## TASK ITEM
Gather each line in the entries that includes the string "number".

(Saved entries)

-- Opening Marker --

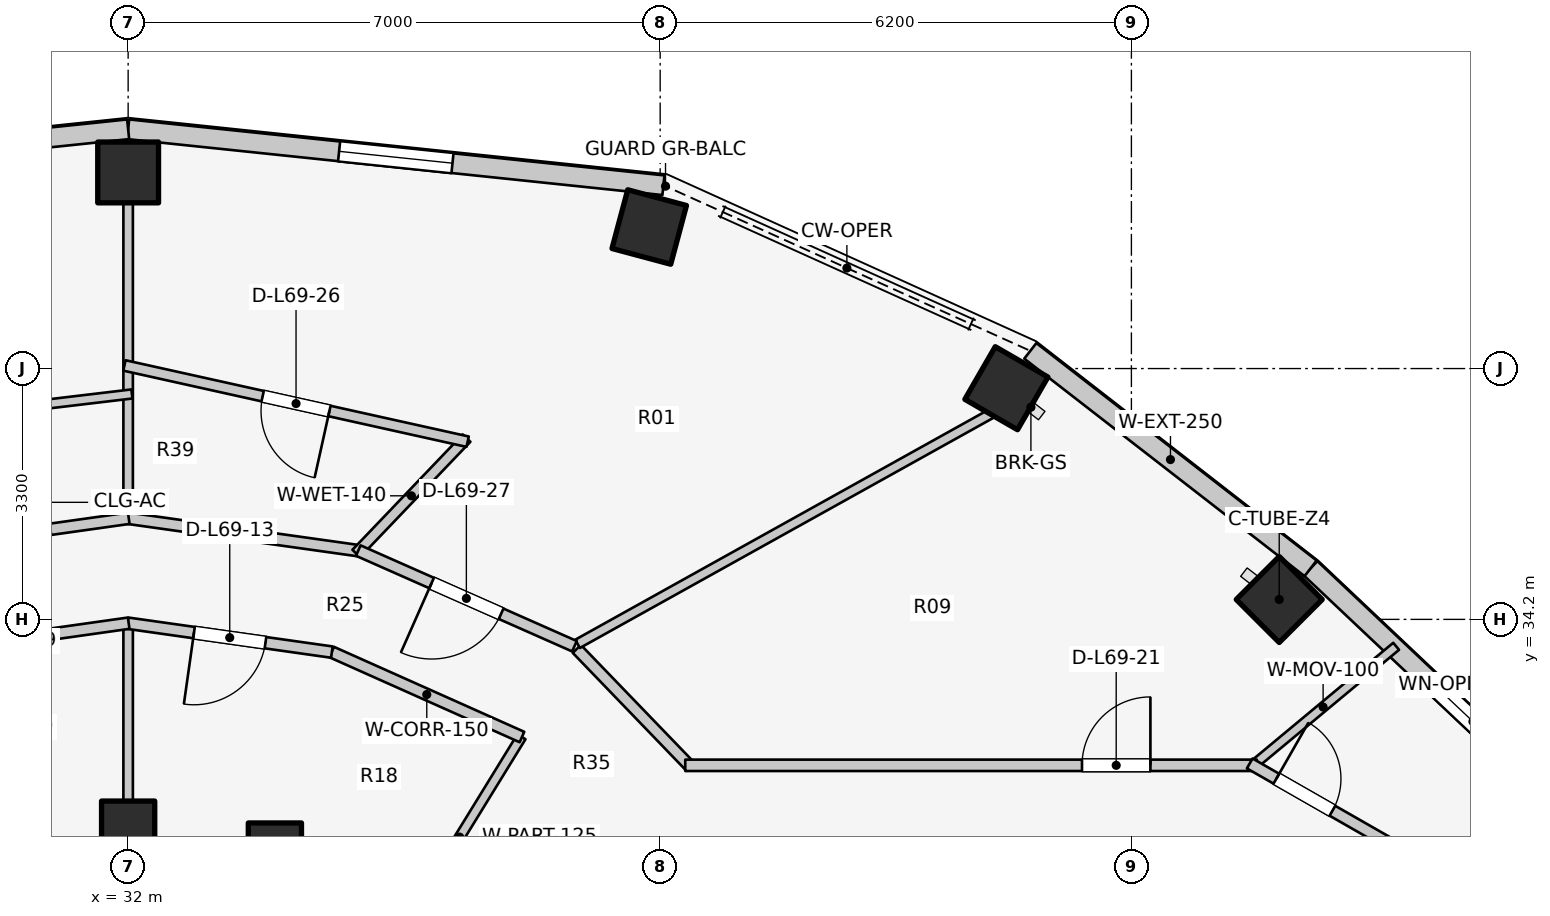
"""IFC4 building model, lengths in metres.
Left out: names, types, materials, properties, quantities, classifications, styles, units other than length and angle.
Written with IfcOpenShell. Run it as: python <this file> out.ifc"""

import sys

from ifc_helpers import new_model, si_unit, direction, frame, frame_2d, origin, origin_2d, place, context, subcontext, project, spatial, rectangle, extrude, element, fill, save


model = new_model("IFC4")
c1 = context("Model", 3, precision=1e-05, world=origin(), true_north=direction((0.0, 1.0)))
c2 = subcontext(c1, "Body", "Model", "MODEL_VIEW")
j1 = project(units=[si_unit("LENGTHUNIT", "METRE"), si_unit("PLANEANGLEUNIT", "RADIAN")], contexts=[c1])
p1 = place(None, origin())
s1 = spatial("IfcSite", under=j1, at=p1, CompositionType="ELEMENT")
p2 = place(p1, origin())
s2 = spatial("IfcBuilding", under=s1, at=p2, CompositionType="ELEMENT")
p3 = place(p2, frame((0.0, 0.0, 226.4)))
s3 = spatial("IfcBuildingStorey", under=s2, at=p3, CompositionType="ELEMENT", Elevation=226.4)
for number, where, z_axis, x_axis in (
    (1, (47.145, 34.462, 0.0), (0.0, 0.0, 1.0), (0.707, 0.707, 0.0)),
    (2, (43.555, 37.241, 0.0), (0.0, 0.0, 1.0), (0.5, 0.866, 0.0)),
):
    element("IfcColumn", number, at=place(p3, frame(where, z_axis=z_axis, x_axis=x_axis)), inside=s3, PredefinedType="COLUMN", context=c2, shape_type="SweptSolid", body=[
        extrude(rectangle(XDim=0.8, YDim=0.8, at=origin_2d()), origin(), (0.0, 0.0, 1.0), 3.1),
    ])
p4 = place(p3, frame((33.931, 31.172, 0.0), z_axis=(0.0, 0.0, 1.0), x_axis=(1.0, 0.0, 0.0)))
e3 = element("IfcColumn", 3, at=p4, inside=s3, PredefinedType="COLUMN", context=c2, shape_type="SweptSolid", body=[
    extrude(rectangle(XDim=0.7, YDim=0.7, at=origin_2d()), origin(), (0.0, 0.0, 1.0), 3.1),
])
p5 = place(p3, frame((38.856, 39.362, 0.0), z_axis=(0.0, 0.0, 1.0), x_axis=(0.258819045103, 0.965925826289, 0.0)))
e4 = element("IfcColumn", 4, at=p5, inside=s3, PredefinedType="COLUMN", context=c2, shape_type="SweptSolid", body=[
    extrude(rectangle(XDim=0.8, YDim=0.8, at=origin_2d()), origin(), (0.0, 0.0, 1.0), 3.1),
])
p6 = place(p3, frame((32.0, 31.46, 0.0), z_axis=(0.0, 0.0, 1.0), x_axis=(1.0, 0.0, 0.0)))
e5 = element("IfcColumn", 5, at=p6, inside=s3, PredefinedType="COLUMN", context=c2, shape_type="SweptSolid", body=[
    extrude(rectangle(XDim=0.7, YDim=0.7, at=origin_2d()), origin(), (0.0, 0.0, 1.0), 3.1),
])
p7 = place(p3, frame((32.0, 40.08, 0.0), z_axis=(0.0, 0.0, 1.0), x_axis=(0.0, 1.0, 0.0)))
e6 = element("IfcColumn", 6, at=p7, inside=s3, PredefinedType="COLUMN", context=c2, shape_type="SweptSolid", body=[
    extrude(rectangle(XDim=0.8, YDim=0.8, at=origin_2d()), origin(), (0.0, 0.0, 1.0), 3.1),
])
p8 = place(p3, frame((50.761, 31.849, 0.0), z_axis=(0.0, 0.0, 1.0), x_axis=(-0.72731899451, 0.686299555752, 0.0)))
e7 = element("IfcWall", 7, at=p8, inside=s3, PredefinedType="STANDARD", context=c2, shape_type="SweptSolid", body=[
    extrude(rectangle(XDim=4.404, YDim=0.26, at=frame_2d((2.202, 0.0))), origin(), (0.0, 0.0, 1.0), 2.85),
])
p9 = place(p8, frame((0.867, 0.0, 0.75)))
e8 = element("IfcOpeningElement", 8, at=p9, cuts=e7, PredefinedType="OPENING", context=c2, shape_type="SweptSolid", body=[
    extrude(rectangle(XDim=1.2, YDim=1.5, at=frame_2d((0.6, 0.75))), frame((0.0, 0.14, 0.0), z_axis=(0.0, -1.0, 0.0), x_axis=(1.0, 0.0, 0.0)), (0.0, 0.0, 1.0), 0.28),
])
p10 = place(p3, frame((47.558, 34.872, 0.0), z_axis=(0.0, 0.0, 1.0), x_axis=(-0.790126214723, 0.612944177563, 0.0)))
e9 = element("IfcWall", 9, at=p10, inside=s3, PredefinedType="STANDARD", context=c2, shape_type="SweptSolid", body=[
    extrude(rectangle(XDim=4.667, YDim=0.26, at=frame_2d((2.333, 0.0))), origin(), (0.0, 0.0, 1.0), 2.85),
])
p11 = place(p3, frame((39.043, 39.912, 0.0), z_axis=(0.0, 0.0, 1.0), x_axis=(-0.994582822721, 0.103947144014, 0.0)))
e10 = element("IfcWall", 10, at=p11, inside=s3, PredefinedType="STANDARD", context=c2, shape_type="SweptSolid", body=[
    extrude(rectangle(XDim=7.081, YDim=0.26, at=frame_2d((3.541, 0.0))), origin(), (0.0, 0.0, 1.0), 2.85),
])
p12 = place(p11, frame((2.791, 0.0, 0.75)))
e11 = element("IfcOpeningElement", 11, at=p12, cuts=e10, PredefinedType="OPENING", context=c2, shape_type="SweptSolid", body=[
    extrude(rectangle(XDim=1.5, YDim=1.6, at=frame_2d((0.75, 0.8))), frame((0.0, 0.14, 0.0), z_axis=(0.0, -1.0, 0.0), x_axis=(1.0, 0.0, 0.0)), (0.0, 0.0, 1.0), 0.28),
])
p13 = place(p3, frame((32.0, 40.648, 0.0), z_axis=(0.0, 0.0, 1.0), x_axis=(-0.994582822721, -0.103947144014, 0.0)))
e12 = element("IfcWall", 12, at=p13, inside=s3, PredefinedType="STANDARD", context=c2, shape_type="SweptSolid", body=[
    extrude(rectangle(XDim=7.081, YDim=0.26, at=frame_2d((3.541, 0.0))), origin(), (0.0, 0.0, 1.0), 2.85),
])
p14 = place(p13, frame((2.341, 0.0, 0.75)))
e13 = element("IfcOpeningElement", 13, at=p14, cuts=e12, PredefinedType="OPENING", context=c2, shape_type="SweptSolid", body=[
    extrude(rectangle(XDim=2.4, YDim=1.7, at=frame_2d((1.2, 0.85))), frame((0.0, 0.14, 0.0), z_axis=(0.0, -1.0, 0.0), x_axis=(1.0, 0.0, 0.0)), (0.0, 0.0, 1.0), 0.28),
])
p15 = place(p3, frame((35.55, 30.015, 0.0), z_axis=(0.0, 0.0, 1.0), x_axis=(0.523992004803, 0.851723182086, 0.0)))
e14 = element("IfcWall", 14, at=p15, inside=s3, PredefinedType="PARTITIONING", context=c2, shape_type="SweptSolid", body=[
    extrude(rectangle(XDim=3.101, YDim=0.125, at=frame_2d((1.551, 0.0))), origin(), (0.0, 0.0, 1.0), 2.376),
])
p16 = place(p3, frame((32.0, 31.1, 0.0), z_axis=(0.0, 0.0, 1.0), x_axis=(0.0, 1.0, 0.0)))
e15 = element("IfcWall", 15, at=p16, inside=s3, PredefinedType="PARTITIONING", context=c2, shape_type="SweptSolid", body=[
    extrude(rectangle(XDim=3.05, YDim=0.125, at=frame_2d((1.525, 0.0))), origin(), (0.0, 0.0, 1.0), 2.376),
])
p17 = place(p3, frame((37.181, 32.652, 0.0), z_axis=(0.0, 0.0, 1.0), x_axis=(-0.913120130558, 0.407690602257, 0.0)))
e16 = element("IfcWall", 16, at=p17, inside=s3, PredefinedType="PARTITIONING", context=c2, shape_type="SweptSolid", body=[
    extrude(rectangle(XDim=2.743, YDim=0.15, at=frame_2d((1.371, 0.0))), origin(), (0.0, 0.0, 1.0), 2.376),
])
p18 = place(p3, frame((34.68, 33.77, 0.0), z_axis=(0.0, 0.0, 1.0), x_axis=(-0.990132151456, 0.140136799779, 0.0)))
e17 = element("IfcWall", 17, at=p18, inside=s3, PredefinedType="PARTITIONING", context=c2, shape_type="SweptSolid", body=[
    extrude(rectangle(XDim=2.714, YDim=0.15, at=frame_2d((1.357, 0.0))), origin(), (0.0, 0.0, 1.0), 2.376),
])
p19 = place(p18, frame((0.882, 0.0, 0.0)))
e18 = element("IfcOpeningElement", 18, at=p19, cuts=e17, PredefinedType="OPENING", context=c2, shape_type="SweptSolid", body=[
    extrude(rectangle(XDim=0.95, YDim=2.1, at=frame_2d((0.475, 1.05))), frame((0.0, 0.085, 0.0), z_axis=(0.0, -1.0, 0.0), x_axis=(1.0, 0.0, 0.0)), (0.0, 0.0, 1.0), 0.17),
])
p20 = place(p3, frame((32.007, 34.15, 0.0), z_axis=(0.0, 0.0, 1.0), x_axis=(-0.990132151456, -0.140136799779, 0.0)))
e19 = element("IfcWall", 19, at=p20, inside=s3, PredefinedType="PARTITIONING", context=c2, shape_type="SweptSolid", body=[
    extrude(rectangle(XDim=2.714, YDim=0.15, at=frame_2d((1.357, 0.0))), origin(), (0.0, 0.0, 1.0), 2.376),
])
p21 = place(p3, frame((46.762, 32.248, 0.0), z_axis=(0.0, 0.0, 1.0), x_axis=(0.76890954941, 0.639357571962, 0.0)))
e20 = element("IfcWall", 20, at=p21, inside=s3, PredefinedType="MOVABLE", context=c2, shape_type="SweptSolid", body=[
    extrude(rectangle(XDim=2.499, YDim=0.12, at=frame_2d((1.25, 0.0))), origin(), (0.0, 0.0, 1.0), 2.22),
])
p22 = place(p3, frame((37.903, 33.812, 0.0), z_axis=(0.0, 0.0, 1.0), x_axis=(0.694032962553, -0.719943224768, 0.0)))
e21 = element("IfcWall", 21, at=p22, inside=s3, PredefinedType="PARTITIONING", context=c2, shape_type="SweptSolid", body=[
    extrude(rectangle(XDim=2.158, YDim=0.15, at=frame_2d((1.079, 0.0))), origin(), (0.0, 0.0, 1.0), 2.376),
])
p23 = place(p3, frame((39.33, 32.28, 0.0), z_axis=(0.0, 0.0, 1.0), x_axis=(1.0, 0.0, 0.0)))
e22 = element("IfcWall", 22, at=p23, inside=s3, PredefinedType="PARTITIONING", context=c2, shape_type="SweptSolid", body=[
    extrude(rectangle(XDim=7.52, YDim=0.15, at=frame_2d((3.76, 0.0))), origin(), (0.0, 0.0, 1.0), 2.376),
])
p24 = place(p23, frame((5.22, 0.0, 0.0)))
e23 = element("IfcOpeningElement", 23, at=p24, cuts=e22, PredefinedType="OPENING", context=c2, shape_type="SweptSolid", body=[
    extrude(rectangle(XDim=0.9, YDim=2.1, at=frame_2d((0.45, 1.05))), frame((0.0, 0.085, 0.0), z_axis=(0.0, -1.0, 0.0), x_axis=(1.0, 0.0, 0.0)), (0.0, 0.0, 1.0), 0.17),
])
p25 = place(p3, frame((46.757, 32.305, 0.0), z_axis=(0.0, 0.0, 1.0), x_axis=(0.867991349648, -0.496579315857, 0.0)))
e24 = element("IfcWall", 24, at=p25, inside=s3, PredefinedType="PARTITIONING", context=c2, shape_type="SweptSolid", body=[
    extrude(rectangle(XDim=2.567, YDim=0.15, at=frame_2d((1.283, 0.0))), origin(), (0.0, 0.0, 1.0), 2.22),
])
p26 = place(p25, frame((0.404, 0.0, 0.0)))
e25 = element("IfcOpeningElement", 25, at=p26, cuts=e24, PredefinedType="OPENING", context=c2, shape_type="SweptSolid", body=[
    extrude(rectangle(XDim=0.85, YDim=2.05, at=frame_2d((0.425, 1.025))), frame((0.0, 0.085, 0.0), z_axis=(0.0, -1.0, 0.0), x_axis=(1.0, 0.0, 0.0)), (0.0, 0.0, 1.0), 0.17),
])
p27 = place(p3, frame((37.913, 33.878, 0.0), z_axis=(0.0, 0.0, 1.0), x_axis=(0.87377679808, 0.486327160599, 0.0)))
e26 = element("IfcWall", 26, at=p27, inside=s3, PredefinedType="PARTITIONING", context=c2, shape_type="SweptSolid", body=[
    extrude(rectangle(XDim=6.24, YDim=0.125, at=frame_2d((3.12, 0.0))), origin(), (0.0, 0.0, 1.0), 2.376),
])
p28 = place(p3, frame((32.0, 35.585, 0.0), z_axis=(0.0, 0.0, 1.0), x_axis=(0.0, 1.0, 0.0)))
e27 = element("IfcWall", 27, at=p28, inside=s3, PredefinedType="PARTITIONING", context=c2, shape_type="SweptSolid", body=[
    extrude(rectangle(XDim=4.115, YDim=0.125, at=frame_2d((2.058, 0.0))), origin(), (0.0, 0.0, 1.0), 2.376),
])
p29 = place(p3, frame((35.085, 35.096, 0.0), z_axis=(0.0, 0.0, 1.0), x_axis=(-0.990254086283, 0.139272555084, 0.0)))
e28 = element("IfcWall", 28, at=p29, inside=s3, PredefinedType="PARTITIONING", context=c2, shape_type="SweptSolid", body=[
    extrude(rectangle(XDim=3.166, YDim=0.15, at=frame_2d((1.583, 0.0))), origin(), (0.0, 0.0, 1.0), 2.376),
])
p30 = place(p3, frame((35.001, 35.067, 0.0), z_axis=(0.0, 0.0, 1.0), x_axis=(0.691180416361, 0.722682248321, 0.0)))
e29 = element("IfcWall", 29, at=p30, inside=s3, PredefinedType="PLUMBINGWALL", context=c2, shape_type="SweptSolid", body=[
    extrude(rectangle(XDim=2.1, YDim=0.14, at=frame_2d((1.05, 0.0))), origin(), (0.0, 0.0, 1.0), 2.385),
])
p31 = place(p3, frame((36.467, 36.538, 0.0), z_axis=(0.0, 0.0, 1.0), x_axis=(-0.976214372251, 0.21680751696, 0.0)))
e30 = element("IfcWall", 30, at=p31, inside=s3, PredefinedType="PLUMBINGWALL", context=c2, shape_type="SweptSolid", body=[
    extrude(rectangle(XDim=4.626, YDim=0.14, at=frame_2d((2.313, 0.0))), origin(), (0.0, 0.0, 1.0), 2.376),
])
p32 = place(p31, frame((1.863, 0.0, 0.0)))
e31 = element("IfcOpeningElement", 31, at=p32, cuts=e30, PredefinedType="OPENING", context=c2, shape_type="SweptSolid", body=[
    extrude(rectangle(XDim=0.9, YDim=2.1, at=frame_2d((0.45, 1.05))), frame((0.0, 0.08, 0.0), z_axis=(0.0, -1.0, 0.0), x_axis=(1.0, 0.0, 0.0)), (0.0, 0.0, 1.0), 0.16),
])
p33 = place(p3, frame((37.872, 33.847, 0.0), z_axis=(0.0, 0.0, 1.0), x_axis=(-0.914490094652, 0.40460828808, 0.0)))
e32 = element("IfcWall", 32, at=p33, inside=s3, PredefinedType="PARTITIONING", context=c2, shape_type="SweptSolid", body=[
    extrude(rectangle(XDim=3.11, YDim=0.15, at=frame_2d((1.555, 0.0))), origin(), (0.0, 0.0, 1.0), 2.376),
])
p34 = place(p33, frame((1.055, 0.0, 0.0)))
e33 = element("IfcOpeningElement", 33, at=p34, cuts=e32, PredefinedType="OPENING", context=c2, shape_type="SweptSolid", body=[
    extrude(rectangle(XDim=1.0, YDim=2.1, at=frame_2d((0.5, 1.05))), frame((0.0, 0.085, 0.0), z_axis=(0.0, -1.0, 0.0), x_axis=(1.0, 0.0, 0.0)), (0.0, 0.0, 1.0), 0.17),
])
p35 = place(p3, frame((32.05, 37.166, 0.0), z_axis=(0.0, 0.0, 1.0), x_axis=(-0.992963303559, -0.118422454736, 0.0)))
e34 = element("IfcWall", 34, at=p35, inside=s3, PredefinedType="MOVABLE", context=c2, shape_type="SweptSolid", body=[
    extrude(rectangle(XDim=4.622, YDim=0.12, at=frame_2d((2.311, 0.0))), origin(), (0.0, 0.0, 1.0), 2.376),
])
p36 = place(p35, frame((1.836, 0.0, 0.0)))
e35 = element("IfcOpeningElement", 35, at=p36, cuts=e34, PredefinedType="OPENING", context=c2, shape_type="SweptSolid", body=[
    extrude(rectangle(XDim=0.95, YDim=2.1, at=frame_2d((0.475, 1.05))), frame((0.0, 0.07, 0.0), z_axis=(0.0, -1.0, 0.0), x_axis=(1.0, 0.0, 0.0)), (0.0, 0.0, 1.0), 0.14),
])
p37 = place(p3, frame((32.008, 35.53, 0.0), z_axis=(0.0, 0.0, 1.0), x_axis=(-0.990257602807, -0.139247549651, 0.0)))
e36 = element("IfcWall", 36, at=p37, inside=s3, PredefinedType="PARTITIONING", context=c2, shape_type="SweptSolid", body=[
    extrude(rectangle(XDim=3.082, YDim=0.15, at=frame_2d((1.541, 0.0))), origin(), (0.0, 0.0, 1.0), 2.376),
])
p38 = place(p37, frame((1.041, 0.0, 0.0)))
e37 = element("IfcOpeningElement", 37, at=p38, cuts=e36, PredefinedType="OPENING", context=c2, shape_type="SweptSolid", body=[
    extrude(rectangle(XDim=1.0, YDim=2.1, at=frame_2d((0.5, 1.05))), frame((0.0, 0.085, 0.0), z_axis=(0.0, -1.0, 0.0), x_axis=(1.0, 0.0, 0.0)), (0.0, 0.0, 1.0), 0.17),
])
p39 = place(p9, origin())
e38 = element("IfcWindow", 38, at=p39, inside=s3, PartitioningType="SINGLE_PANEL", PredefinedType="WINDOW", context=c2, shape_type="SweptSolid", body=[
    extrude(rectangle(XDim=1.2, YDim=1.5, at=frame_2d((0.6, 0.75))), frame((0.0, 0.03, 0.0), z_axis=(0.0, -1.0, 0.0), x_axis=(1.0, 0.0, 0.0)), (0.0, 0.0, 1.0), 0.06),
])
fill(e8, e38)
p40 = place(p12, origin())
e39 = element("IfcWindow", 39, at=p40, inside=s3, PartitioningType="SINGLE_PANEL", PredefinedType="WINDOW", context=c2, shape_type="SweptSolid", body=[
    extrude(rectangle(XDim=1.5, YDim=1.6, at=frame_2d((0.75, 0.8))), frame((0.0, 0.03, 0.0), z_axis=(0.0, -1.0, 0.0), x_axis=(1.0, 0.0, 0.0)), (0.0, 0.0, 1.0), 0.06),
])
fill(e11, e39)
p41 = place(p19, origin())
e40 = element("IfcDoor", 40, at=p41, inside=s3, OperationType="SINGLE_SWING_RIGHT", PredefinedType="DOOR", context=c2, shape_type="SweptSolid", body=[
    extrude(rectangle(XDim=0.95, YDim=2.1, at=frame_2d((0.475, 1.05))), frame((0.0, 0.025, 0.0), z_axis=(0.0, -1.0, 0.0), x_axis=(1.0, 0.0, 0.0)), (0.0, 0.0, 1.0), 0.05),
])
fill(e18, e40)
p42 = place(p24, origin())
e41 = element("IfcDoor", 41, at=p42, inside=s3, OperationType="SINGLE_SWING_RIGHT", PredefinedType="DOOR", context=c2, shape_type="SweptSolid", body=[
    extrude(rectangle(XDim=0.9, YDim=2.1, at=frame_2d((0.45, 1.05))), frame((0.0, 0.025, 0.0), z_axis=(0.0, -1.0, 0.0), x_axis=(1.0, 0.0, 0.0)), (0.0, 0.0, 1.0), 0.05),
])
fill(e23, e41)
p43 = place(p26, origin())
e42 = element("IfcDoor", 42, at=p43, inside=s3, OperationType="SINGLE_SWING_LEFT", PredefinedType="DOOR", context=c2, shape_type="SweptSolid", body=[
    extrude(rectangle(XDim=0.85, YDim=2.05, at=frame_2d((0.425, 1.025))), frame((0.0, 0.025, 0.0), z_axis=(0.0, -1.0, 0.0), x_axis=(1.0, 0.0, 0.0)), (0.0, 0.0, 1.0), 0.05),
])
fill(e25, e42)
p44 = place(p32, origin())
e43 = element("IfcDoor", 43, at=p44, inside=s3, OperationType="SINGLE_SWING_LEFT", PredefinedType="DOOR", context=c2, shape_type="SweptSolid", body=[
    extrude(rectangle(XDim=0.9, YDim=2.1, at=frame_2d((0.45, 1.05))), frame((0.0, 0.025, 0.0), z_axis=(0.0, -1.0, 0.0), x_axis=(1.0, 0.0, 0.0)), (0.0, 0.0, 1.0), 0.05),
])
fill(e31, e43)
p45 = place(p34, origin())
e44 = element("IfcDoor", 44, at=p45, inside=s3, OperationType="SINGLE_SWING_RIGHT", PredefinedType="DOOR", context=c2, shape_type="SweptSolid", body=[
    extrude(rectangle(XDim=1.0, YDim=2.1, at=frame_2d((0.5, 1.05))), frame((0.0, 0.025, 0.0), z_axis=(0.0, -1.0, 0.0), x_axis=(1.0, 0.0, 0.0)), (0.0, 0.0, 1.0), 0.05),
])
fill(e33, e44)
save(model, sys.argv[1])

-- Closing Marker --

## ANSWER TO THIS PROBLEM
for number, where, z_axis, x_axis in (
    element("IfcColumn", number, at=place(p3, frame(where, z_axis=z_axis, x_axis=x_axis)), inside=s3, PredefinedType="COLUMN", context=c2, shape_type="SweptSolid", body=[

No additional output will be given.